## What the exercise asks
In the listing that follows, locate the line containing "44. coincident |" and the line containing "48. concentric |". Retype exactly those two lines and every line between them, and nothing more.

## Working data
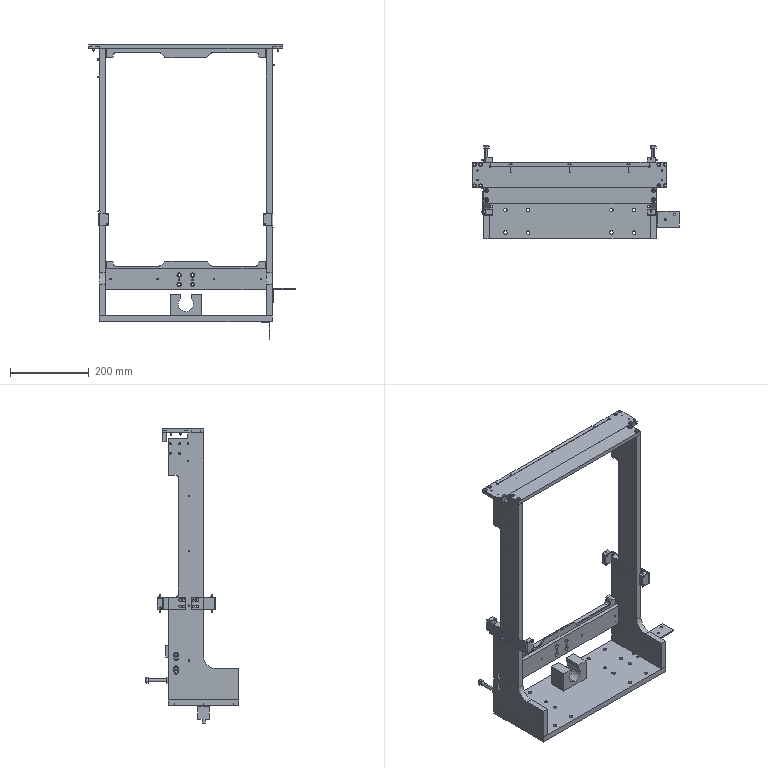Assembly | SolidWorks | mm | 33 component files | 33 solids | 1082 faces | box 526.5 x 239 x 749 mm | volume 4007622 mm3 | cylinder 498 | plane 446 | cone 118 | sphere 20 | commonest cylinder face diameters 5 x69 6.6 x50 11 x47 10 x42 9 x40 3.3 x32 3 x32 5.5 x24
Bill of materials:
30-20A | 1 |  | Flat rectangular plate with many through-holes in a symmetric pattern.
30-24A | 1 |  | Rectangular block with a U-shaped slot: a round bore runs through the block and opens to the top face through a straight-sided slot.
30-27A | 1 |  | Tall, thin, roughly L-shaped plate: a long vertical upright with a short foot at the bottom joined by a rounded inside corner, a long relief cut along one edge, and scattered holes.
30-28A | 1 |  | Tall, thin, roughly L-shaped plate almost identical to unnamed part, with a different hole pattern: smaller holes at the top and two extra small holes in the foot.
30-29A | 1 |  | Long, thin, flat bar with stepped ends: a raised tab at each end and hole groups at both ends, including slot-like or notched openings at the edges.
30-30A | 1 |  | Plain, long, thin rectangular flat bar with two through-holes at each end.
30-32A | 1 |  | Long, narrow, bar-shaped plate with a shaped lower edge: a down-stepped foot at each end, a wide central lobe with angled sides, and three evenly spaced round holes along the upper area.
30-41A | 1 |  | Bent L-shaped bracket with a radiused bend: a longer flange with two holes and a shorter flange at right angles with two holes.
30-49A | 4 |  | Thin L-shaped bracket with a radiused bend: one flange has two elongated slots, the other has two round holes.
30-51A | 1 |  | Small bent bracket with a radiused bend: a horizontal flange with two round holes and a vertical flange ending in a narrower tab at the bottom.
KFQAPP3-P3.00-L4-B4.0 | 8 |  | Solid cylindrical pin with one hemispherical (domed) end and one flat end.
KFQAPP4-P4.00-L4-B4.0 | 2 |  | Solid cylindrical pin with one hemispherical (domed) end and one flat end.
30-31A | 1 |  | Long, thin rectangular flat bar with a pattern of small and larger through holes across its broad face, plus two holes in one end face.
30-33A | 1 |  | Long rectangular bar with a stepped top profile: a raised tab at each end with a small hooked notch, lower recessed runs, and a raised center section with angled transitions; two through holes in the center region.
Q20EBanner | 2 |  | Rectangular block body with two through holes near opposite corners, an angled cylindrical protrusion leaving one corner, a small cylindrical stub on one face, and two shallow raised rectangular pads on one side face.
Q20NRBanner | 2 |  | Rectangular block body with two through holes, an angled cylindrical protrusion from a chamfered corner, and small raised pads on one side face; close to a mirrored or reoriented version of the previous block part.
NUT_K8 | 2 |  | Hexagonal nut-like body with a central round bore and chamfered corners on both faces.
UST8_60b | 2 |  | Hex-head bolt-like part: a hexagonal head with a short cylindrical boss on its outer face and a long plain cylindrical shank ending in a chamfered tip.
Mates:
1. coincident | 30-20A-1 face at (-869.208, 12.908, 39.188) dir (0, 0, 1) | 30-28A-1 face at (-444.208, -167.092, 39.188) dir (0, 0, -1)
2. coincident | 30-20A-1 face at (-429.208, -167.092, 24.188) dir (1, 0, 0) | 30-28A-1 face at (-429.208, -107.092, 149.188) dir (1, 0, 0)
3. coincident | 30-20A-1 face at (-869.208, -167.092, 24.188) dir (0, -1, 0) | 30-28A-1 face at (-444.208, -167.092, 39.188) dir (0, -1, 0)
4. coincident | 30-20A-1 face at (-869.208, 12.908, 39.188) dir (0, 0, 1) | 30-27A-1 face at (-869.208, -167.092, 39.188) dir (0, 0, -1)
5. coincident | 30-20A-1 face at (-869.208, -167.092, 24.188) dir (-1, 0, 0) | 30-27A-1 face at (-869.208, -107.092, 149.188) dir (-1, 0, 0)
6. coincident | 30-20A-1 face at (-869.208, 12.908, 24.188) dir (0, 1, 0) | 30-27A-1 face at (-869.208, 12.908, 39.188) dir (0, 1, 0)
7. coincident | 30-20A-1 plane at (-649.208, -77.092, 39.188) dir (1, 0, 0) | 30-24A-1 plane at (-649.208, -37.092, 66.188) dir (-1, 0, 0)
8. coincident | 30-20A-1 plane at (-649.208, -77.092, 39.188) dir (1, 0, 0) | assembly plane at (-649.208, 11.408, 176.688) dir (1, 0, 0)
9. distance | 30-28A-1 face at (-444.208, 12.908, 39.188) dir (0, 1, 0) | assembly face at (-224.366, 15.085, 546.382) dir (0, 1, 0)
10. distance | 30-28A-1 face at (-444.208, 12.908, 39.188) dir (0, 1, 0) | UST8_60-1/UST8_60b-1 face at (-859.001, 4.408, 90.956) dir (0, -1, 0)
11. concentric | 30-27A-1 face at (-861.708, 12.908, 89.188) dir (0, 1, 0) r 4.05 | UST8_60-1/UST8_60b-1 face at (-861.708, 4.408, 89.188) dir (0, 1, 0) r 4
12. concentric | 30-28A-1 face at (-436.708, 12.908, 89.188) dir (0, 1, 0) r 4.05 | UST8_60-2/UST8_60b-1 face at (-436.708, 4.408, 89.188) dir (0, 1, 0) r 4
13. distance | 30-28A-1 face at (-444.208, 12.908, 39.188) dir (0, 1, 0) | UST8_60-2/NUT_K8-1 face at (-436.708, 12.908, 89.188) dir (0, -1, 0)
14. coincident | 30-28A-1 face at (-429.208, -107.092, 149.188) dir (1, 0, 0) | assembly face at (-419.208, -53.092, 330.922) dir (-1, 0, 0)
15. coincident | 30-28A-1 face at (-444.208, -77.092, 719.188) dir (0, -1, 0) | assembly face at (-417.208, -51.092, 330.922) dir (0, 1, 0)
16. concentric | 30-27A-1 face at (-861.708, -45.092, 719.188) dir (0, 0, 1) r 2.5 | 30-30A-1 face at (-861.708, -45.092, 729.188) dir (0, 0, 1) r 5.5
17. concentric | 30-27A-1 face at (-861.708, -69.092, 719.188) dir (0, 0, 1) r 2.5 | 30-30A-1 face at (-861.708, -69.092, 729.188) dir (0, 0, 1) r 5.5
18. coincident | 30-27A-1 face at (-869.208, 12.908, 719.188) dir (0, 0, 1) | 30-30A-1 face at (-869.208, -77.092, 719.188) dir (0, 0, -1)
19. concentric | 30-27A-1 face at (-854.208, -37.592, 692.188) dir (-1, 0, 0) r 1.5 | KFQAPP3-P3.00-L4-B4.0-1 face at (-908.289, -37.592, 692.188) dir (-1, 0, 0) r 1.5
20. concentric | 30-27A-1 face at (-854.208, -37.592, 647.188) dir (-1, 0, 0) r 1.5 | KFQAPP3-P3.00-L4-B4.0-2 face at (-908.289, -37.592, 647.188) dir (-1, 0, 0) r 1.5
21. coincident | KFQAPP3-P3.00-L4-B4.0-2 face at (-865.208, -37.996, 648.632) dir (1, 0, 0) | KFQAPP3-P3.00-L4-B4.0-1 face at (-865.208, -37.952, 693.644) dir (1, 0, 0)
22. concentric | 30-28A-1 face at (-444.208, 7.908, 679.188) dir (1, 0, 0) r 1.5 | KFQAPP3-P3.00-L4-B4.0-7 face at (-390.126, 7.908, 679.188) dir (1, 0, 0) r 1.5
23. concentric | 30-28A-1 face at (-444.208, -16.092, 679.188) dir (1, 0, 0) r 1.5 | KFQAPP3-P3.00-L4-B4.0-8 face at (-390.126, -16.092, 679.188) dir (1, 0, 0) r 1.5
24. concentric | MGPM25-20Z-A93LAssembly-1/30-31A-1 face at (-632.208, -22.092, 131.188) dir (0, 1, 0) r 2 | KFQAPP4-P4.00-L4-B4.0-1 face at (-632.208, 37.24, 131.188) dir (0, 1, 0) r 2
25. concentric | MGPM25-20Z-A93LAssembly-1/30-31A-1 face at (-666.208, -22.092, 131.188) dir (0, 1, 0) r 2 | KFQAPP4-P4.00-L4-B4.0-2 face at (-666.208, 37.24, 131.188) dir (0, 1, 0) r 2
26. coincident | KFQAPP4-P4.00-L4-B4.0-2 face at (-664.285, -6.092, 130.637) dir (0, -1, 0) | KFQAPP4-P4.00-L4-B4.0-1 face at (-631.277, -6.092, 129.418) dir (0, -1, 0)
27. concentric | 30-29A-1 face at (-884.208, 5.908, 719.188) dir (0, 0, 1) r 1.5 | KFQAPP3-P3.00-L4-B4.0-3 face at (-884.208, 5.908, 680.106) dir (0, 0, -1) r 1.5
28. concentric | 30-29A-1 face at (-884.208, -18.092, 719.188) dir (0, 0, 1) r 1.5 | KFQAPP3-P3.00-L4-B4.0-4 face at (-884.208, -18.092, 680.106) dir (0, 0, -1) r 1.5
29. coincident | KFQAPP3-P3.00-L4-B4.0-3 face at (-884.901, 7.239, 723.188) dir (0, 0, 1) | KFQAPP3-P3.00-L4-B4.0-4 face at (-883.734, -16.668, 723.188) dir (0, 0, 1)
30. concentric | 30-29A-1 face at (-414.208, 5.908, 719.188) dir (0, 0, 1) r 1.5 | KFQAPP3-P3.00-L4-B4.0-5 face at (-414.208, 5.908, 680.106) dir (0, 0, -1) r 1.5
31. concentric | 30-29A-1 face at (-414.208, -18.092, 719.188) dir (0, 0, 1) r 1.5 | KFQAPP3-P3.00-L4-B4.0-6 face at (-414.208, -18.092, 680.106) dir (0, 0, -1) r 1.5
32. coincident | KFQAPP3-P3.00-L4-B4.0-5 face at (-415.412, 6.803, 723.188) dir (0, 0, 1) | KFQAPP3-P3.00-L4-B4.0-3 face at (-884.901, 7.239, 723.188) dir (0, 0, 1)
33. coincident | KFQAPP3-P3.00-L4-B4.0-6 face at (-415.384, -17.161, 723.188) dir (0, 0, 1) | KFQAPP3-P3.00-L4-B4.0-5 face at (-415.412, 6.803, 723.188) dir (0, 0, 1)
34. coincident | 30-27A-1 face at (-869.208, -107.092, 149.188) dir (-1, 0, 0) | 30-49A-1 face at (-869.208, 27.908, 269.188) dir (1, 0, 0)
35. coincident | 30-27A-1 face at (-869.208, -107.092, 149.188) dir (-1, 0, 0) | 30-49A-2 face at (-869.208, -107.092, 301.188) dir (1, 0, 0)
36. coincident | 30-49A-1 face at (-868.208, 25.908, 269.188) dir (0, 0, -1) | 30-49A-2 face at (-868.208, -104.092, 269.188) dir (0, 0, -1)
37. distance | 30-27A-1 face at (-869.208, -77.092, 719.188) dir (0, -1, 0) | 30-49A-2 face at (-871.208, -47.092, 301.188) dir (0, 1, 0)
38. coincident | 30-28A-1 face at (-429.208, -107.092, 149.188) dir (1, 0, 0) | 30-49A-3 face at (-429.208, 27.908, 301.188) dir (-1, 0, 0)
39. coincident | 30-28A-1 face at (-429.208, -107.092, 149.188) dir (1, 0, 0) | 30-49A-4 face at (-429.208, -107.092, 269.188) dir (-1, 0, 0)
40. distance | 30-28A-1 face at (-444.208, -77.092, 719.188) dir (0, -1, 0) | 30-49A-4 face at (-427.208, -47.092, 269.188) dir (0, 1, 0)
41. coincident | 30-49A-3 face at (-430.208, 25.908, 301.188) dir (0, 0, 1) | 30-49A-4 face at (-430.208, -104.092, 301.188) dir (0, 0, 1)
42. concentric | 30-49A-1 face at (-850.208, 27.908, 272.488) dir (0, 1, 0) r 1.75 | Q20EBanner-1 face at (-850.208, 27.908, 272.488) dir (0, -1, 0) r 1.25
43. concentric | 30-49A-1 face at (-850.208, 27.908, 297.888) dir (0, 1, 0) r 1.75 | Q20EBanner-1 face at (-850.208, 27.908, 297.888) dir (0, -1, 0) r 1.25
44. coincident | 30-49A-1 face at (-846.208, 27.908, 269.188) dir (0, 1, 0) | Q20EBanner-1 face at (-846.908, 27.908, 269.188) dir (0, -1, 0)
45. concentric | 30-49A-3 face at (-448.208, 27.908, 297.888) dir (0, 1, 0) r 1.75 | Q20NRBanner-1 face at (-448.208, 27.908, 297.888) dir (0, -1, 0) r 1.25
46. concentric | 30-49A-3 face at (-448.208, 27.908, 272.488) dir (0, 1, 0) r 1.75 | Q20NRBanner-1 face at (-448.208, 27.908, 272.488) dir (0, -1, 0) r 1.25
47. coincident | 30-49A-3 face at (-452.208, 27.908, 301.188) dir (0, 1, 0) | Q20NRBanner-1 face at (-451.508, 27.908, 301.188) dir (0, -1, 0)
48. concentric | 30-49A-2 face at (-850.208, -107.092, 272.488) dir (0, -1, 0) r 1.75 | Q20EBanner-2 face at (-850.208, -105.092, 272.488) dir (0, -1, 0) r 1.25
49. concentric | 30-49A-2 face at (-850.208, -107.092, 297.888) dir (0, -1, 0) r 1.75 | Q20EBanner-2 face at (-850.208, -105.092, 297.888) dir (0, -1, 0) r 1.25
50. concentric | 30-49A-4 face at (-448.208, -107.092, 272.488) dir (0, -1, 0) r 1.75 | Q20NRBanner-2 face at (-448.208, -105.092, 272.488) dir (0, -1, 0) r 1.25
51. concentric | 30-49A-4 face at (-448.208, -107.092, 297.888) dir (0, -1, 0) r 1.75 | Q20NRBanner-2 face at (-448.208, -105.092, 297.888) dir (0, -1, 0) r 1.25
52. coincident | 30-28A-1 face at (-429.208, -107.092, 149.188) dir (1, 0, 0) | 30-41A-1 face at (-429.208, -97.092, 105.188) dir (-1, 0, 0)
53. distance | 30-28A-1 face at (-444.208, -107.092, 119.188) dir (0, 0, 1) | 30-41A-1 face at (-425.208, -97.092, 109.188) dir (0, 0, 1)
54. coincident | 30-49A-1 face at (-868.208, 24.908, 301.188) dir (0, 0, 1) | 30-49A-3 face at (-430.208, 25.908, 301.188) dir (0, 0, 1)
55. coincident | MGPM25-20Z-A93LAssembly-1/30-31A-1 face at (-856.208, -2.092, 160.188) dir (-1, 0, 0) | 30-27A-1 face at (-856.208, -10.092, 165.688) dir (1, 0, 0)
56. coincident | 30-20A-1 face at (-869.208, 12.908, 39.188) dir (0, 0, 1) | 30-24A-1 face at (-609.208, -59.592, 39.188) dir (0, 0, -1)
57. distance | MGPM25-20Z-A93LAssembly-1/30-31A-1 face at (-442.208, -2.092, 160.188) dir (0, 1, 0) | 30-28A-1 face at (-444.208, 12.908, 39.188) dir (0, 1, 0)
58. distance | 30-27A-1 face at (-869.208, 12.908, 39.188) dir (0, 1, 0) | 30-49A-1 face at (-871.208, -32.092, 269.188) dir (0, -1, 0)
59. coincident | Q20EBanner-1 face at (-846.908, 39.908, 269.188) dir (0, 1, 0) | Q20NRBanner-1 face at (-451.508, 39.908, 301.188) dir (0, 1, 0)
60. coincident | 30-20A-1 face at (-869.208, 12.908, 24.188) dir (0, 0, -1) | 30-51A-1 face at (-437.208, -92.092, 24.188) dir (0, 0, 1)
61. coincident | 30-49A-4 face at (-452.208, -105.092, 269.188) dir (0, 1, 0) | Q20NRBanner-2 face at (-451.508, -105.092, 301.188) dir (0, -1, 0)
62. coincident | 30-49A-2 face at (-846.208, -105.092, 301.188) dir (0, 1, 0) | Q20EBanner-2 face at (-846.908, -105.092, 269.188) dir (0, -1, 0)
63. distance | 30-28A-1 face at (-444.208, -167.092, 39.188) dir (0, -1, 0) | 30-41A-1 face at (-424.208, -137.092, 104.188) dir (0, -1, 0)
64. coincident | 30-29A-1 face at (-896.708, -37.092, 729.188) dir (0, 0, 1) | 30-32A-1 face at (-851.708, 16.908, 729.188) dir (0, 0, 1)
65. width | 30-32A-1 face at (-851.708, 26.908, 729.188) dir (-1, 0, 0) | 30-32A-1 face at (-446.708, 26.908, 729.188) dir (1, 0, 0) | 30-29A-1 face at (-896.708, 26.908, 729.188) dir (-1, 0, 0) | 30-29A-1 face at (-401.708, 26.908, 729.188) dir (1, 0, 0)
66. coincident | 30-29A-1 face at (-851.708, 16.908, 719.188) dir (0, 1, 0) | 30-32A-1 face at (-851.708, 16.908, 729.188) dir (0, -1, 0)
67. distance | 30-20A-1 face at (-869.208, 12.908, 24.188) dir (0, 0, -1) | assembly face at (-649.208, 18.908, 102.688) dir (0, 0, -1)
68. concentric | 30-20A-1 face at (-616.708, -22.092, 24.188) dir (0, 0, -1) r 4.5 | 30-24A-1 face at (-616.708, -22.092, 39.188) dir (0, 0, -1) r 3.4
69. coincident | 30-27A-1 face at (-854.208, 12.908, 301.188) dir (0, 0, 1) | 30-49A-1 face at (-868.208, 24.908, 301.188) dir (0, 0, 1)
70. concentric | 30-20A-1 face at (-449.208, -69.592, 24.188) dir (0, 0, -1) r 2.5 | 30-51A-1 face at (-449.208, -69.592, 24.188) dir (0, 0, -1) r 3.5
71. concentric | 30-20A-1 face at (-449.208, -84.592, 24.188) dir (0, 0, -1) r 2.5 | 30-51A-1 face at (-449.208, -84.592, 24.188) dir (0, 0, -1) r 3.5
72. distance | 30-27A-1 face at (-869.208, -107.092, 149.188) dir (-1, 0, 0) | KFQAPP3-P3.00-L4-B4.0-1 face at (-865.208, -37.952, 693.644) dir (1, 0, 0)
73. distance | 30-29A-1 face at (-896.708, -37.092, 719.188) dir (0, 0, -1) | KFQAPP3-P3.00-L4-B4.0-3 face at (-884.901, 7.239, 723.188) dir (0, 0, 1)
74. distance | 30-28A-1 face at (-429.208, -107.092, 149.188) dir (1, 0, 0) | KFQAPP3-P3.00-L4-B4.0-7 face at (-433.208, 8.89, 680.322) dir (-1, 0, 0)
75. coincident | KFQAPP3-P3.00-L4-B4.0-7 face at (-433.208, 8.89, 680.322) dir (-1, 0, 0) | KFQAPP3-P3.00-L4-B4.0-8 face at (-433.208, -14.596, 679.072) dir (-1, 0, 0)
76. distance | MGPM25-20Z-A93LAssembly-1/30-31A-1 face at (-442.208, -2.092, 160.188) dir (0, 1, 0) | KFQAPP4-P4.00-L4-B4.0-1 face at (-631.277, -6.092, 129.418) dir (0, -1, 0)
77. coincident | 30-29A-1 face at (-896.708, -37.092, 729.188) dir (0, -1, 0) | 30-30A-1 face at (-869.208, -37.092, 729.188) dir (0, 1, 0)
78. coincident | 30-29A-1 face at (-896.708, -37.092, 729.188) dir (0, 0, 1) | 30-30A-1 face at (-869.208, -77.092, 729.188) dir (0, 0, 1)
79. coincident | 30-33A-1 face at (-103.417, 85.917, 179.823) dir (0, -1, 0) | 30-31A-1 face at (282.869, 85.917, 191.823) dir (0, 1, 0)
80. coincident | 30-33A-1 face at (-86.417, 89.917, 191.823) dir (0, 0, 1) | 30-31A-1 face at (282.869, 85.917, 191.823) dir (0, 0, 1)
81. distance | UST8_60b-1 plane at (30, 0, 0) dir (1, 0, 0) | NUT_K8-1 plane at (49, 0, 0) dir (-1, 0, 0)
82. coincident | UST8_60b-1 axis at (80.9, 0, 0) dir (-1, 0, 0) | NUT_K8-1 axis at (-31.9, 0, 0) dir (1, 0, 0)
83. angle | UST8_60b-1 plane at (0, 0, 0) dir (0, 0, -1) | NUT_K8-1 plane at (49, 0, 0) dir (0, 0, -1)

## Result below
44. coincident | 30-49A-1 face at (-846.208, 27.908, 269.188) dir (0, 1, 0) | Q20EBanner-1 face at (-846.908, 27.908, 269.188) dir (0, -1, 0)
45. concentric | 30-49A-3 face at (-448.208, 27.908, 297.888) dir (0, 1, 0) r 1.75 | Q20NRBanner-1 face at (-448.208, 27.908, 297.888) dir (0, -1, 0) r 1.25
46. concentric | 30-49A-3 face at (-448.208, 27.908, 272.488) dir (0, 1, 0) r 1.75 | Q20NRBanner-1 face at (-448.208, 27.908, 272.488) dir (0, -1, 0) r 1.25
47. coincident | 30-49A-3 face at (-452.208, 27.908, 301.188) dir (0, 1, 0) | Q20NRBanner-1 face at (-451.508, 27.908, 301.188) dir (0, -1, 0)
48. concentric | 30-49A-2 face at (-850.208, -107.092, 272.488) dir (0, -1, 0) r 1.75 | Q20EBanner-2 face at (-850.208, -105.092, 272.488) dir (0, -1, 0) r 1.25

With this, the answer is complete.